►

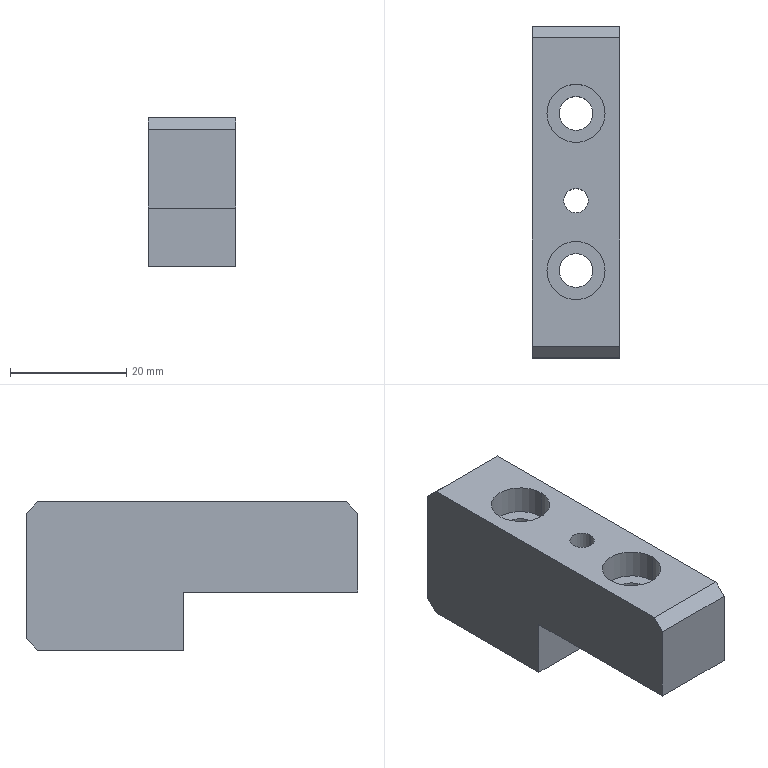Part | SolidWorks | mm | 1 solid | 23 faces | box 15 x 57 x 25.5 mm | volume 15393 mm3 | plane 13 | cylinder 10 | commonest cylinder face diameters 10 x4 5.8 x4 4.2 x2
build123d program:
from build123d import *

# Parameters (mm, degrees)
BOSS_EXTRUDE1_DEPTH                                  = 7.5
COUNTERBORE_FOR_M5_SOCKET_HEAD_CAP_SCREW_D           = 5.8
COUNTERBORE_FOR_M5_SOCKET_HEAD_CAP_SCREW_CBORE_D     = 10
COUNTERBORE_FOR_M5_SOCKET_HEAD_CAP_SCREW_CBORE_DEPTH = 5
M5X0_8_TAPPED_HOLE1_D                                = 4.2
CHAMFER1_SIZE                                        = 2


with BuildPart() as part:
    # Sketch1 → Boss-Extrude1 (new, symmetric)
    with BuildSketch(Plane(origin=(0, 0, 0), x_dir=(0, 0, -1), z_dir=(1, 0, 0))):
        Polygon((0, 0), (0, 57), (25.5, 57), (25.5, 30), (15.5, 30), (15.5, 0), align=None)
    extrude(amount=BOSS_EXTRUDE1_DEPTH, both=True)

    # Counterbore for M5 Socket Head Cap Screw (through all)
    with Locations(Plane.XY):
        with Locations((0, 15), (0, 42)):
            CounterBoreHole(COUNTERBORE_FOR_M5_SOCKET_HEAD_CAP_SCREW_D / 2, COUNTERBORE_FOR_M5_SOCKET_HEAD_CAP_SCREW_CBORE_D / 2, COUNTERBORE_FOR_M5_SOCKET_HEAD_CAP_SCREW_CBORE_DEPTH)

    # M5x0.8 Tapped Hole1 (through all)
    with Locations(Plane.XY):
        with Locations((0, 27)):
            Hole(M5X0_8_TAPPED_HOLE1_D / 2)

    # Chamfer1
    chamfer1_edges = [part.edges().sort_by_distance(p)[0] for p in [
        (0, 0, 0),
        (0, 57, 0),
        (0, 57, -25.5),
    ]]
    chamfer(chamfer1_edges, length=CHAMFER1_SIZE)


solid = part.part
STEP:
#1=CARTESIAN_POINT('',(-2.1,27.,-15.5));
#2=VERTEX_POINT('',#1);
#3=CARTESIAN_POINT('',(2.1,27.,-15.5));
#4=VERTEX_POINT('',#3);
#5=CARTESIAN_POINT('',(0.,27.,-15.5));
#6=DIRECTION('',(0.,-0.,1.));
#7=DIRECTION('',(0.,-1.,0.));
#8=AXIS2_PLACEMENT_3D('',#5,#6,#7);
#9=CIRCLE('',#8,2.1);
#10=EDGE_CURVE('',#2,#4,#9,.T.);
#11=ORIENTED_EDGE('',*,*,#10,.F.);
#12=CARTESIAN_POINT('',(-2.1,27.,0.));
#13=VERTEX_POINT('',#12);
#14=CARTESIAN_POINT('',(-2.1,27.,0.));
#15=DIRECTION('',(0.,0.,1.));
#16=VECTOR('',#15,1000.);
#17=LINE('',#14,#16);
#18=EDGE_CURVE('',#2,#13,#17,.T.);
#19=ORIENTED_EDGE('',*,*,#18,.T.);
#20=CARTESIAN_POINT('',(2.1,27.,0.));
#21=VERTEX_POINT('',#20);
#22=CARTESIAN_POINT('',(0.,27.,0.));
#23=DIRECTION('',(0.,0.,1.));
#24=DIRECTION('',(1.,0.,0.));
#25=AXIS2_PLACEMENT_3D('',#22,#23,#24);
#26=CIRCLE('',#25,2.1);
#27=EDGE_CURVE('',#13,#21,#26,.T.);
#28=ORIENTED_EDGE('',*,*,#27,.T.);
#29=CARTESIAN_POINT('',(2.1,27.,0.));
#30=DIRECTION('',(0.,0.,1.));
#31=VECTOR('',#30,1000.);
#32=LINE('',#29,#31);
#33=EDGE_CURVE('',#4,#21,#32,.T.);
#34=ORIENTED_EDGE('',*,*,#33,.F.);
#35=EDGE_LOOP('',(#11,#19,#28,#34));
#36=FACE_OUTER_BOUND('',#35,.T.);
#37=CARTESIAN_POINT('',(0.,27.,0.));
#38=DIRECTION('',(0.,0.,1.));
#39=DIRECTION('',(1.,0.,0.));
#40=AXIS2_PLACEMENT_3D('',#37,#38,#39);
#41=CYLINDRICAL_SURFACE('',#40,2.1);
#42=ADVANCED_FACE('',(#36),#41,.F.);
#43=CARTESIAN_POINT('',(-5.,15.,-5.));
#44=VERTEX_POINT('',#43);
#45=CARTESIAN_POINT('',(5.,15.,-5.));
#46=VERTEX_POINT('',#45);
#47=CARTESIAN_POINT('',(0.,15.,-5.));
#48=DIRECTION('',(0.,0.,1.));
#49=DIRECTION('',(1.,0.,0.));
#50=AXIS2_PLACEMENT_3D('',#47,#48,#49);
#51=CIRCLE('',#50,5.);
#52=EDGE_CURVE('',#44,#46,#51,.T.);
#53=ORIENTED_EDGE('',*,*,#52,.F.);
#54=CARTESIAN_POINT('',(-5.,15.,0.));
#55=VERTEX_POINT('',#54);
#56=CARTESIAN_POINT('',(-5.,15.,0.));
#57=DIRECTION('',(0.,0.,1.));
#58=VECTOR('',#57,1000.);
#59=LINE('',#56,#58);
#60=EDGE_CURVE('',#44,#55,#59,.T.);
#61=ORIENTED_EDGE('',*,*,#60,.T.);
#62=CARTESIAN_POINT('',(5.,15.,0.));
#63=VERTEX_POINT('',#62);
#64=CARTESIAN_POINT('',(0.,15.,0.));
#65=DIRECTION('',(0.,0.,1.));
#66=DIRECTION('',(1.,0.,0.));
#67=AXIS2_PLACEMENT_3D('',#64,#65,#66);
#68=CIRCLE('',#67,5.);
#69=EDGE_CURVE('',#55,#63,#68,.T.);
#70=ORIENTED_EDGE('',*,*,#69,.T.);
#71=CARTESIAN_POINT('',(5.,15.,0.));
#72=DIRECTION('',(0.,0.,1.));
#73=VECTOR('',#72,1000.);
#74=LINE('',#71,#73);
#75=EDGE_CURVE('',#46,#63,#74,.T.);
#76=ORIENTED_EDGE('',*,*,#75,.F.);
#77=EDGE_LOOP('',(#53,#61,#70,#76));
#78=FACE_OUTER_BOUND('',#77,.T.);
#79=CARTESIAN_POINT('',(0.,15.,0.));
#80=DIRECTION('',(0.,0.,1.));
#81=DIRECTION('',(1.,0.,0.));
#82=AXIS2_PLACEMENT_3D('',#79,#80,#81);
#83=CYLINDRICAL_SURFACE('',#82,5.);
#84=ADVANCED_FACE('',(#78),#83,.F.);
#85=CARTESIAN_POINT('',(-2.9,15.,-15.5));
#86=VERTEX_POINT('',#85);
#87=CARTESIAN_POINT('',(2.9,15.,-15.5));
#88=VERTEX_POINT('',#87);
#89=CARTESIAN_POINT('',(0.,15.,-15.5));
#90=DIRECTION('',(0.,-0.,1.));
#91=DIRECTION('',(0.,-1.,0.));
#92=AXIS2_PLACEMENT_3D('',#89,#90,#91);
#93=CIRCLE('',#92,2.9);
#94=EDGE_CURVE('',#86,#88,#93,.T.);
#95=ORIENTED_EDGE('',*,*,#94,.F.);
#96=CARTESIAN_POINT('',(-2.9,15.,-5.));
#97=VERTEX_POINT('',#96);
#98=CARTESIAN_POINT('',(-2.9,15.,0.));
#99=DIRECTION('',(0.,0.,1.));
#100=VECTOR('',#99,1000.);
#101=LINE('',#98,#100);
#102=EDGE_CURVE('',#86,#97,#101,.T.);
#103=ORIENTED_EDGE('',*,*,#102,.T.);
#104=CARTESIAN_POINT('',(2.9,15.,-5.));
#105=VERTEX_POINT('',#104);
#106=CARTESIAN_POINT('',(0.,15.,-5.));
#107=DIRECTION('',(0.,0.,1.));
#108=DIRECTION('',(1.,0.,0.));
#109=AXIS2_PLACEMENT_3D('',#106,#107,#108);
#110=CIRCLE('',#109,2.9);
#111=EDGE_CURVE('',#97,#105,#110,.T.);
#112=ORIENTED_EDGE('',*,*,#111,.T.);
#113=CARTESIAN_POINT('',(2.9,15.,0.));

◄

EXERCISE REQUIREMENTS: Above are the entries. Quote exactly the lines from the one bearing "Hole(M5X0_8_TAPPED_HOLE1_D / 2)" through the one bearing "#1=CARTESIAN_POINT('',(-2.1,27.,-15.5));".

OUTPUT FOR THIS TASK:
            Hole(M5X0_8_TAPPED_HOLE1_D / 2)

    # Chamfer1
    chamfer1_edges = [part.edges().sort_by_distance(p)[0] for p in [
        (0, 0, 0),
        (0, 57, 0),
        (0, 57, -25.5),
    ]]
    chamfer(chamfer1_edges, length=CHAMFER1_SIZE)


solid = part.part
STEP:
#1=CARTESIAN_POINT('',(-2.1,27.,-15.5));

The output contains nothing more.